_Activity_
From the data below, copy exactly the lines that lie between the one holding "p13 = place(p12, frame((1.25, 0.0, 0.4)))" and the one holding "x_axis=(0.508616218331, -0.860993346345, 0.0)))", including both, and nothing more.

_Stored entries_
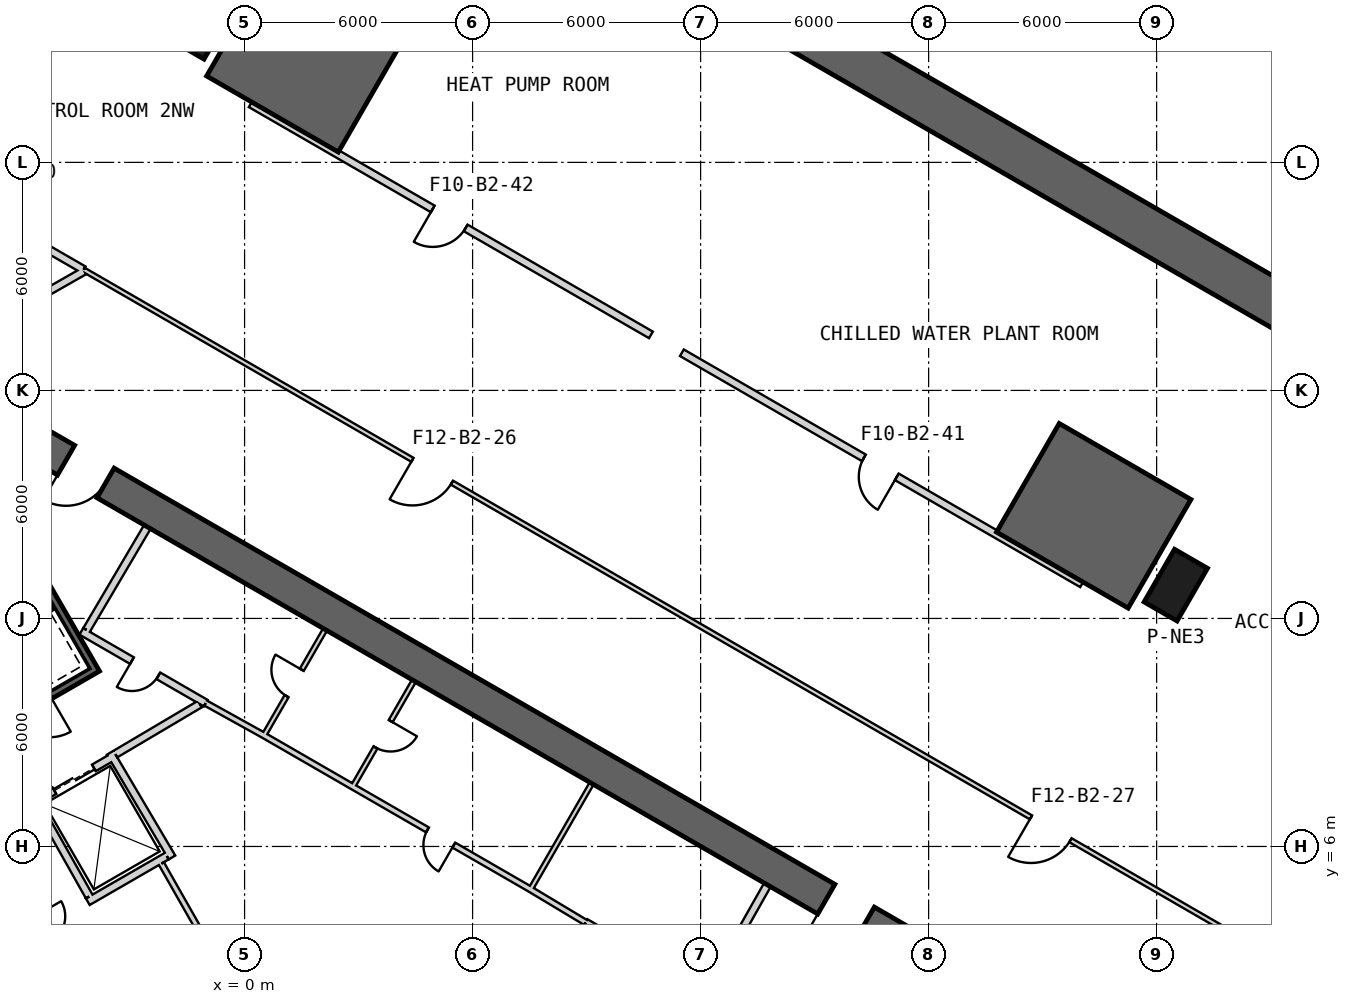
"""IFC4 building model, lengths in metres.
Left out: names, types, materials, properties, quantities, classifications, styles, units other than length and angle.
Written with IfcOpenShell. Run it as: python <this file> out.ifc"""

import sys

from ifc_helpers import new_model, si_unit, direction, frame, frame_2d, origin, origin_2d, place, context, subcontext, project, spatial, polyline, rectangle, outline, extrude, element, fill, save


model = new_model("IFC4")
c1 = context("Model", 3, precision=1e-05, world=origin(), true_north=direction((0.0, 1.0)))
c2 = subcontext(c1, "Body", "Model", "MODEL_VIEW")
j1 = project(units=[si_unit("LENGTHUNIT", "METRE"), si_unit("PLANEANGLEUNIT", "RADIAN")], contexts=[c1])
p1 = place(None, origin())
s1 = spatial("IfcSite", under=j1, at=p1, CompositionType="ELEMENT")
p2 = place(p1, origin())
s2 = spatial("IfcBuilding", under=s1, at=p2, CompositionType="ELEMENT")
p3 = place(p2, frame((0.0, 0.0, -11.0)))
s3 = spatial("IfcBuildingStorey", under=s2, at=p3, CompositionType="ELEMENT", Elevation=-11.0)
p4 = place(p3, frame((-2.593, 37.429, -0.4), z_axis=(0.0, 0.0, 1.0), x_axis=(0.866166543136, -0.499755459752, 0.0)))
e1 = element("IfcWall", 1, at=p4, inside=s3, PredefinedType="SHEAR", context=c2, shape_type="SweptSolid", body=[
    extrude(rectangle(XDim=41.622, YDim=1.2, at=frame_2d((20.811, 0.0))), origin(), (0.0, 0.0, 1.0), 5.9),
])
for number, where, z_axis, x_axis in (
    (2, (24.504, 12.876, -0.4), (0.0, 0.0, 1.0), (0.5, 0.866, 0.0)),
    (3, (-1.101, 27.659, -0.4), (0.0, 0.0, 1.0), (0.5, 0.866, 0.0)),
):
    element("IfcColumn", number, at=place(p3, frame(where, z_axis=z_axis, x_axis=x_axis)), inside=s3, PredefinedType="COLUMN", context=c2, shape_type="SweptSolid", body=[
        extrude(rectangle(XDim=1.6, YDim=1.0, at=origin_2d()), origin(), (0.0, 0.0, 1.0), 5.9),
    ])
p5 = place(p3, frame((19.475, 2.208, -0.4), z_axis=(0.0, 0.0, 1.0), x_axis=(-0.866028369851, 0.499994862586, 0.0)))
e4 = element("IfcWall", 4, at=p5, inside=s3, PredefinedType="SHEAR", context=c2, shape_type="SweptSolid", body=[
    extrude(rectangle(XDim=31.523, YDim=0.9, at=frame_2d((15.762, 0.0))), origin(), (0.0, 0.0, 1.0), 5.9),
])
p6 = place(p5, frame((3.612, 0.0, 0.4)))
e5 = element("IfcOpeningElement", 5, at=p6, cuts=e4, PredefinedType="OPENING", context=c2, shape_type="SweptSolid", body=[
    extrude(rectangle(XDim=1.2, YDim=2.4, at=frame_2d((0.6, 1.2))), frame((0.0, 0.46, 0.0), z_axis=(0.0, -1.0, 0.0), x_axis=(1.0, 0.0, 0.0)), (0.0, 0.0, 1.0), 0.92),
])
p7 = place(p5, frame((26.712, 0.0, 0.4)))
e6 = element("IfcOpeningElement", 6, at=p7, cuts=e4, PredefinedType="OPENING", context=c2, shape_type="SweptSolid", body=[
    extrude(rectangle(XDim=1.2, YDim=2.4, at=frame_2d((0.6, 1.2))), frame((0.0, 0.46, 0.0), z_axis=(0.0, -1.0, 0.0), x_axis=(1.0, 0.0, 0.0)), (0.0, 0.0, 1.0), 0.92),
])
p8 = place(p3, frame((36.087, 4.611, -0.4), z_axis=(0.0, 0.0, 1.0), x_axis=(-0.866024629043, -0.500001341888, 0.0)))
e7 = element("IfcWall", 7, at=p8, inside=s3, PredefinedType="SHEAR", context=c2, shape_type="SweptSolid", body=[
    extrude(rectangle(XDim=19.702, YDim=0.4, at=frame_2d((9.851, 0.0))), origin(), (0.0, 0.0, 1.0), 5.5),
])
p9 = place(p3, frame((0.0, 0.0, -0.4)))
e8 = element("IfcWall", 8, at=p9, inside=s3, PredefinedType="SHEAR", context=c2, shape_type="SweptSolid", body=[
    extrude(outline(polyline([(24.901, 15.13), (21.437, 17.13), (19.787, 14.272), (23.251, 12.272), (24.901, 15.13)])), origin(), (0.0, 0.0, 1.0), 5.9),
])
p10 = place(p3, frame((0.0, 0.0, -0.4)))
e9 = element("IfcWall", 9, at=p10, inside=s3, PredefinedType="SHEAR", context=c2, shape_type="SweptSolid", body=[
    extrude(outline(polyline([(4.116, 27.13), (0.652, 29.13), (-0.998, 26.272), (2.467, 24.272), (4.116, 27.13)])), origin(), (0.0, 0.0, 1.0), 5.9),
])
p11 = place(p3, frame((-7.854, 17.405, -0.4), z_axis=(0.0, 0.0, 1.0), x_axis=(0.499997992926, -0.866026562566, 0.0)))
e10 = element("IfcWall", 10, at=p11, inside=s3, PredefinedType="SHEAR", context=c2, shape_type="SweptSolid", body=[
    extrude(rectangle(XDim=7.9, YDim=0.2, at=frame_2d((3.95, 0.0))), origin(), (0.0, 0.0, 1.0), 5.5),
])
p12 = place(p3, frame((-7.159, 8.8, -0.4), z_axis=(0.0, 0.0, 1.0), x_axis=(0.866047807691, 0.499961193289, 0.0)))
e11 = element("IfcWall", 11, at=p12, inside=s3, PredefinedType="SHEAR", context=c2, shape_type="SweptSolid", body=[
    extrude(rectangle(XDim=3.6, YDim=0.2, at=frame_2d((1.8, 0.0))), origin(), (0.0, 0.0, 1.0), 5.5),
])
p13 = place(p12, frame((1.25, 0.0, 0.4)))
e12 = element("IfcOpeningElement", 12, at=p13, cuts=e11, PredefinedType="OPENING", context=c2, shape_type="SweptSolid", body=[
    extrude(rectangle(XDim=1.1, YDim=2.1, at=frame_2d((0.55, 1.05))), frame((0.0, 0.11, 0.0), z_axis=(0.0, -1.0, 0.0), x_axis=(1.0, 0.0, 0.0)), (0.0, 0.0, 1.0), 0.22),
])
p14 = place(p3, frame((-5.524, 7.168, 0.0), z_axis=(0.0, 0.0, 1.0), x_axis=(0.866024647952, 0.500001309137, 0.0)))
e13 = element("IfcWall", 13, at=p14, inside=s3, PredefinedType="PLUMBINGWALL", context=c2, shape_type="SweptSolid", body=[
    extrude(rectangle(XDim=2.4, YDim=0.2, at=frame_2d((1.2, 0.0))), origin(), (0.0, 0.0, 1.0), 5.1),
])
p15 = place(p14, frame((0.6, 0.0, 0.0)))
e14 = element("IfcOpeningElement", 14, at=p15, cuts=e13, PredefinedType="OPENING", context=c2, shape_type="SweptSolid", body=[
    extrude(rectangle(XDim=1.2, YDim=2.4, at=frame_2d((0.6, 1.2))), frame((0.0, 0.11, 0.0), z_axis=(0.0, -1.0, 0.0), x_axis=(1.0, 0.0, 0.0)), (0.0, 0.0, 1.0), 0.22),
])
p16 = place(p3, frame((-3.538, 8.465, 0.0), z_axis=(0.0, 0.0, 1.0), x_axis=(0.508616218331, -0.860993346345, 0.0)))
e15 = element("IfcWall", 15, at=p16, inside=s3, PredefinedType="PLUMBINGWALL", context=c2, shape_type="SweptSolid", body=[
    extrude(rectangle(XDim=3.2, YDim=0.2, at=frame_2d((1.6, 0.0))), origin(), (0.0, 0.0, 1.0), 5.1),
])
p17 = place(p3, frame((-2.047, 5.746, 0.0), z_axis=(0.0, 0.0, 1.0), x_axis=(-0.866024647952, -0.500001309137, 0.0)))
e16 = element("IfcWall", 16, at=p17, inside=s3, PredefinedType="PLUMBINGWALL", context=c2, shape_type="SweptSolid", body=[
    extrude(rectangle(XDim=2.4, YDim=0.2, at=frame_2d((1.2, 0.0))), origin(), (0.0, 0.0, 1.0), 5.1),
])
p18 = place(p3, frame((-5.562, 7.296, 0.0), z_axis=(0.0, 0.0, 1.0), x_axis=(0.49134651263, -0.870964180966, 0.0)))
e17 = element("IfcWall", 17, at=p18, inside=s3, PredefinedType="PLUMBINGWALL", context=c2, shape_type="SweptSolid", body=[
    extrude(rectangle(XDim=3.0, YDim=0.2, at=frame_2d((1.5, 0.0))), origin(), (0.0, 0.0, 1.0), 5.1),
])
p19 = place(p3, frame((9.133, 7.659, 0.0), z_axis=(0.0, 0.0, 1.0), x_axis=(-0.500017246033, -0.866015446554, 0.0)))
e18 = element("IfcWall", 18, at=p19, inside=s3, PredefinedType="PARTITIONING", context=c2, shape_type="SweptSolid", body=[
    extrude(rectangle(XDim=3.25, YDim=0.12, at=frame_2d((1.625, 0.0))), origin(), (0.0, 0.0, 1.0), 5.1),
])
p20 = place(p3, frame((12.11, 2.073, 0.0), z_axis=(0.0, 0.0, 1.0), x_axis=(0.49196600604, 0.870614408852, 0.0)))
e19 = element("IfcWall", 19, at=p20, inside=s3, PredefinedType="PARTITIONING", context=c2, shape_type="SweptSolid", body=[
    extrude(rectangle(XDim=3.35, YDim=0.2, at=frame_2d((1.675, 0.0))), origin(), (0.0, 0.0, 1.0), 5.1),
])
p21 = place(p3, frame((-4.296, 11.66, 0.0), z_axis=(0.0, 0.0, 1.0), x_axis=(0.866027389382, -0.499996560828, 0.0)))
e20 = element("IfcWall", 20, at=p21, inside=s3, PredefinedType="PARTITIONING", context=c2, shape_type="SweptSolid", body=[
    extrude(rectangle(XDim=3.778, YDim=0.2, at=frame_2d((1.889, 0.0))), origin(), (0.0, 0.0, 1.0), 5.1),
])
p22 = place(p21, frame((1.539, 0.0, 0.0)))
e21 = element("IfcOpeningElement", 21, at=p22, cuts=e20, PredefinedType="OPENING", context=c2, shape_type="SweptSolid", body=[
    extrude(rectangle(XDim=0.8, YDim=2.1, at=frame_2d((0.4, 1.05))), frame((0.0, 0.11, 0.0), z_axis=(0.0, -1.0, 0.0), x_axis=(1.0, 0.0, 0.0)), (0.0, 0.0, 1.0), 0.22),
])
p23 = place(p3, frame((8.974, 3.999, 0.0), z_axis=(0.0, 0.0, 1.0), x_axis=(0.86601284211, -0.500021756827, 0.0)))
e22 = element("IfcWall", 22, at=p23, inside=s3, PredefinedType="PARTITIONING", context=c2, shape_type="SweptSolid", body=[
    extrude(rectangle(XDim=3.577, YDim=0.2, at=frame_2d((1.789, 0.0))), origin(), (0.0, 0.0, 1.0), 5.1),
])
p24 = place(p23, frame((1.389, 0.0, 0.0)))
e23 = element("IfcOpeningElement", 23, at=p24, cuts=e22, PredefinedType="OPENING", context=c2, shape_type="SweptSolid", body=[
    extrude(rectangle(XDim=0.8, YDim=2.1, at=frame_2d((0.4, 1.05))), frame((0.0, 0.11, 0.0), z_axis=(0.0, -1.0, 0.0), x_axis=(1.0, 0.0, 0.0)), (0.0, 0.0, 1.0), 0.22),
])
p25 = place(p3, frame((8.975, 4.0, 0.0), z_axis=(0.0, 0.0, 1.0), x_axis=(-0.857530436795, 0.514433231791, 0.0)))
e24 = element("IfcWall", 24, at=p25, inside=s3, PredefinedType="PLUMBINGWALL", context=c2, shape_type="SweptSolid", body=[
    extrude(rectangle(XDim=1.723, YDim=0.15, at=frame_2d((0.861, 0.0))), origin(), (0.0, 0.0, 1.0), 5.1),
])
p26 = place(p3, frame((4.457, 10.359, 0.0), z_axis=(0.0, 0.0, 1.0), x_axis=(-0.500017246033, -0.866015446554, 0.0)))
e25 = element("IfcWall", 25, at=p26, inside=s3, PredefinedType="PARTITIONING", context=c2, shape_type="SweptSolid", body=[
    extrude(rectangle(XDim=3.25, YDim=0.12, at=frame_2d((1.625, 0.0))), origin(), (0.0, 0.0, 1.0), 5.1),
])
p27 = place(p26, frame((1.225, 0.0, 0.0)))
e26 = element("IfcOpeningElement", 26, at=p27, cuts=e25, PredefinedType="OPENING", context=c2, shape_type="SweptSolid", body=[
    extrude(rectangle(XDim=0.8, YDim=2.1, at=frame_2d((0.4, 1.05))), frame((0.0, 0.07, 0.0), z_axis=(0.0, -1.0, 0.0), x_axis=(1.0, 0.0, 0.0)), (0.0, 0.0, 1.0), 0.14),
])
p28 = place(p3, frame((7.497, 4.886, 0.0), z_axis=(0.0, 0.0, 1.0), x_axis=(-0.866030989016, 0.499990325971, 0.0)))
e27 = element("IfcWall", 27, at=p28, inside=s3, PredefinedType="PLUMBINGWALL", context=c2, shape_type="SweptSolid", body=[
    extrude(rectangle(XDim=8.1, YDim=0.15, at=frame_2d((4.05, 0.0))), origin(), (0.0, 0.0, 1.0), 5.1),
])
p29 = place(p28, frame((2.3, 0.0, 0.0)))
e28 = element("IfcOpeningElement", 28, at=p29, cuts=e27, PredefinedType="OPENING", context=c2, shape_type="SweptSolid", body=[
    extrude(rectangle(XDim=0.8, YDim=2.1, at=frame_2d((0.4, 1.05))), frame((0.0, 0.085, 0.0), z_axis=(0.0, -1.0, 0.0), x_axis=(1.0, 0.0, 0.0)), (0.0, 0.0, 1.0), 0.17),
])
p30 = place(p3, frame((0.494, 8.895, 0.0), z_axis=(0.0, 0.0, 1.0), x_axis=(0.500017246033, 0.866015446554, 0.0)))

_Task answer_
p13 = place(p12, frame((1.25, 0.0, 0.4)))
e12 = element("IfcOpeningElement", 12, at=p13, cuts=e11, PredefinedType="OPENING", context=c2, shape_type="SweptSolid", body=[
    extrude(rectangle(XDim=1.1, YDim=2.1, at=frame_2d((0.55, 1.05))), frame((0.0, 0.11, 0.0), z_axis=(0.0, -1.0, 0.0), x_axis=(1.0, 0.0, 0.0)), (0.0, 0.0, 1.0), 0.22),
])
p14 = place(p3, frame((-5.524, 7.168, 0.0), z_axis=(0.0, 0.0, 1.0), x_axis=(0.866024647952, 0.500001309137, 0.0)))
e13 = element("IfcWall", 13, at=p14, inside=s3, PredefinedType="PLUMBINGWALL", context=c2, shape_type="SweptSolid", body=[
    extrude(rectangle(XDim=2.4, YDim=0.2, at=frame_2d((1.2, 0.0))), origin(), (0.0, 0.0, 1.0), 5.1),
])
p15 = place(p14, frame((0.6, 0.0, 0.0)))
e14 = element("IfcOpeningElement", 14, at=p15, cuts=e13, PredefinedType="OPENING", context=c2, shape_type="SweptSolid", body=[
    extrude(rectangle(XDim=1.2, YDim=2.4, at=frame_2d((0.6, 1.2))), frame((0.0, 0.11, 0.0), z_axis=(0.0, -1.0, 0.0), x_axis=(1.0, 0.0, 0.0)), (0.0, 0.0, 1.0), 0.22),
])
p16 = place(p3, frame((-3.538, 8.465, 0.0), z_axis=(0.0, 0.0, 1.0), x_axis=(0.508616218331, -0.860993346345, 0.0)))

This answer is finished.